Try it:
Of the lines below, copy those that hold the word "IfcWall".
BEGIN
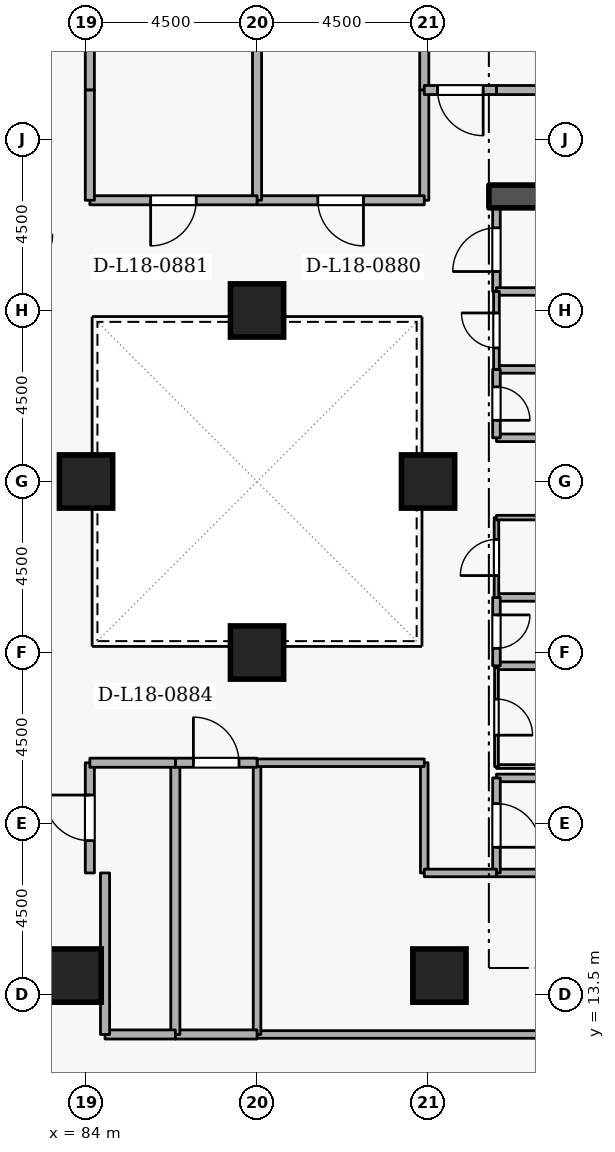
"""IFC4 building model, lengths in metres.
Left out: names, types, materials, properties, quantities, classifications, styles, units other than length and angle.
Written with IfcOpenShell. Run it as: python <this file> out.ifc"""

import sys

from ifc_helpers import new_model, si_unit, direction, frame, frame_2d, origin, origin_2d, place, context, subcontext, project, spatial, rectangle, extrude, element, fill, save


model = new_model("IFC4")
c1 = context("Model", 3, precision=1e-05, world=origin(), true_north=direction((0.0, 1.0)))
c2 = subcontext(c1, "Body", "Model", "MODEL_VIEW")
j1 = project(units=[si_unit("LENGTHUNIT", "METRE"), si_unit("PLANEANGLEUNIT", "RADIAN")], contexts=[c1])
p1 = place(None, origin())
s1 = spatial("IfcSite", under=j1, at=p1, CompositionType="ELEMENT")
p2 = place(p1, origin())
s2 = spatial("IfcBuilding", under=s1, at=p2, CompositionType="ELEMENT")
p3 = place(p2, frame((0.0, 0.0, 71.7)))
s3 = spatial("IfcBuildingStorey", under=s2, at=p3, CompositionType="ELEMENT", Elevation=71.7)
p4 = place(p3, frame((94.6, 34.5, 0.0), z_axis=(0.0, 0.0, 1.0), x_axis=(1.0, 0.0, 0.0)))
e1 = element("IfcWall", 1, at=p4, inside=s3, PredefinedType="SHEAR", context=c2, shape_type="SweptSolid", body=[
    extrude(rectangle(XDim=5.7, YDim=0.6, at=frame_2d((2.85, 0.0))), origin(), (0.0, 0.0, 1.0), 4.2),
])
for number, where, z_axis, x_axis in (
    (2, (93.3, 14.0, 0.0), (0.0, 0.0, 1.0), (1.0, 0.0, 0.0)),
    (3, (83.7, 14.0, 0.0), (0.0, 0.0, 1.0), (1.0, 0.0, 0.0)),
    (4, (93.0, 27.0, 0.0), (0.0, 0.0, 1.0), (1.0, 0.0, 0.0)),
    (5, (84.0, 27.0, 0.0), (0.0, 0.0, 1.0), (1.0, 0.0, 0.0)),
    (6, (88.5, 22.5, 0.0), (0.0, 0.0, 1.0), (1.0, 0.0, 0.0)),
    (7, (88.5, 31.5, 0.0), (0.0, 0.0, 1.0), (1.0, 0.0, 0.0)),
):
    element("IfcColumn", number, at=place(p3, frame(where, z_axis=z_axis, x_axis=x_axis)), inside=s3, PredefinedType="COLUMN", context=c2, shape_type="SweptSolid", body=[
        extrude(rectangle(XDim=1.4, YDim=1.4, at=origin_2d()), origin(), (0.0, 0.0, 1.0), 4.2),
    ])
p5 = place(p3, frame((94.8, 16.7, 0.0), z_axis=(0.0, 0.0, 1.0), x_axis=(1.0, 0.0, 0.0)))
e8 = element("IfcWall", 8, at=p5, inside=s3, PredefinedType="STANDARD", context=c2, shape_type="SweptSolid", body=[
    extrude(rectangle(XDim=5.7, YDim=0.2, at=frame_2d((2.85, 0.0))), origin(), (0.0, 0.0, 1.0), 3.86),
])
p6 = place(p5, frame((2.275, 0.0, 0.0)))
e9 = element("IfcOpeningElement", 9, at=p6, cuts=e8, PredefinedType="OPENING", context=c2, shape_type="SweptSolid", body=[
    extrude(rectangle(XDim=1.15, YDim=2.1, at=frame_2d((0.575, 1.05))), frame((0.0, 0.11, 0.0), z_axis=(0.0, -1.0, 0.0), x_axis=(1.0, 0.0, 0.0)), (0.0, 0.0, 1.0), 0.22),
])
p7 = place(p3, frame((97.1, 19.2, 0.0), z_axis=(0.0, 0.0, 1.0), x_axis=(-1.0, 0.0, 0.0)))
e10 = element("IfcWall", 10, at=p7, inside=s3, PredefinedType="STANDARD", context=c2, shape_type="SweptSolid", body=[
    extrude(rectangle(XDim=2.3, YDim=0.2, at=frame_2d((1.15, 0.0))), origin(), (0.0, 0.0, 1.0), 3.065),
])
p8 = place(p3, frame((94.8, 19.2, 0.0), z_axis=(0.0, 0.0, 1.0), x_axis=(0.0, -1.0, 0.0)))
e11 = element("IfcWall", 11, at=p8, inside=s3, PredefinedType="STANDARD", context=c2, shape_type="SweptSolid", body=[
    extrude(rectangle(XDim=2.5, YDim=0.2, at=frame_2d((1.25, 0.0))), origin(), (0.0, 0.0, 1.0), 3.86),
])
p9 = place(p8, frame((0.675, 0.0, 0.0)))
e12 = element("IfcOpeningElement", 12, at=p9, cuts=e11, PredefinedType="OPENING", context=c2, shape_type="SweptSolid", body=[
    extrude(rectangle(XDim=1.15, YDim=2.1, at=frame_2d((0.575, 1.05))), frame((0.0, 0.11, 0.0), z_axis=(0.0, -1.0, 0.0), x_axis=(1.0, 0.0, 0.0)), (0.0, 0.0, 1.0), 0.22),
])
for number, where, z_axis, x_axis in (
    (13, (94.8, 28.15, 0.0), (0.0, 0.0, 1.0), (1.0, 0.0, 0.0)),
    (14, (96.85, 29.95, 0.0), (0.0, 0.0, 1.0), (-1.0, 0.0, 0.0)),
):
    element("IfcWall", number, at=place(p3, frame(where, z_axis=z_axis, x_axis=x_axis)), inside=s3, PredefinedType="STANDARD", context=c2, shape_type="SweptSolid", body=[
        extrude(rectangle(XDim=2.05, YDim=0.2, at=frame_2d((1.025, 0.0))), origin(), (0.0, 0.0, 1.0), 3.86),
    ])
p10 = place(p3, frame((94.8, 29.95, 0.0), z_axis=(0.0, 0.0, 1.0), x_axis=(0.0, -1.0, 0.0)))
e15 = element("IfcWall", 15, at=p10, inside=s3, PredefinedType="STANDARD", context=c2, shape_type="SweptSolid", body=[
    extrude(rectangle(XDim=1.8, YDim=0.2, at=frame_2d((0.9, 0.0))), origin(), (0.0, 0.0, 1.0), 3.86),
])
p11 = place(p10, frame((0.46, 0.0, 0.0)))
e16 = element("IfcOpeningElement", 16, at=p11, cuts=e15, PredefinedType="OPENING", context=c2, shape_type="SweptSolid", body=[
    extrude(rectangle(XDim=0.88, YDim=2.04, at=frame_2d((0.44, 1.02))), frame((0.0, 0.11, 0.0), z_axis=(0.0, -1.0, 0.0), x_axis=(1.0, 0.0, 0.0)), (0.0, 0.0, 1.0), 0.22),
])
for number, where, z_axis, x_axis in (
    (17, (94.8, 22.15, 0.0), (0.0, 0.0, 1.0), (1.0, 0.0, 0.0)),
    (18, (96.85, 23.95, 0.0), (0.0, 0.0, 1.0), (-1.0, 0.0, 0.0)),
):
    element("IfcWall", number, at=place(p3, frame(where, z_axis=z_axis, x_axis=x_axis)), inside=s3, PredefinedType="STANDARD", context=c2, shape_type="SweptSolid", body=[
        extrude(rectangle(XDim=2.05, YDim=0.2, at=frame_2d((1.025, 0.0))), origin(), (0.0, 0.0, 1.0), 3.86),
END
Solution for this task:
e1 = element("IfcWall", 1, at=p4, inside=s3, PredefinedType="SHEAR", context=c2, shape_type="SweptSolid", body=[
e8 = element("IfcWall", 8, at=p5, inside=s3, PredefinedType="STANDARD", context=c2, shape_type="SweptSolid", body=[
e10 = element("IfcWall", 10, at=p7, inside=s3, PredefinedType="STANDARD", context=c2, shape_type="SweptSolid", body=[
e11 = element("IfcWall", 11, at=p8, inside=s3, PredefinedType="STANDARD", context=c2, shape_type="SweptSolid", body=[
    element("IfcWall", number, at=place(p3, frame(where, z_axis=z_axis, x_axis=x_axis)), inside=s3, PredefinedType="STANDARD", context=c2, shape_type="SweptSolid", body=[
e15 = element("IfcWall", 15, at=p10, inside=s3, PredefinedType="STANDARD", context=c2, shape_type="SweptSolid", body=[
    element("IfcWall", number, at=place(p3, frame(where, z_axis=z_axis, x_axis=x_axis)), inside=s3, PredefinedType="STANDARD", context=c2, shape_type="SweptSolid", body=[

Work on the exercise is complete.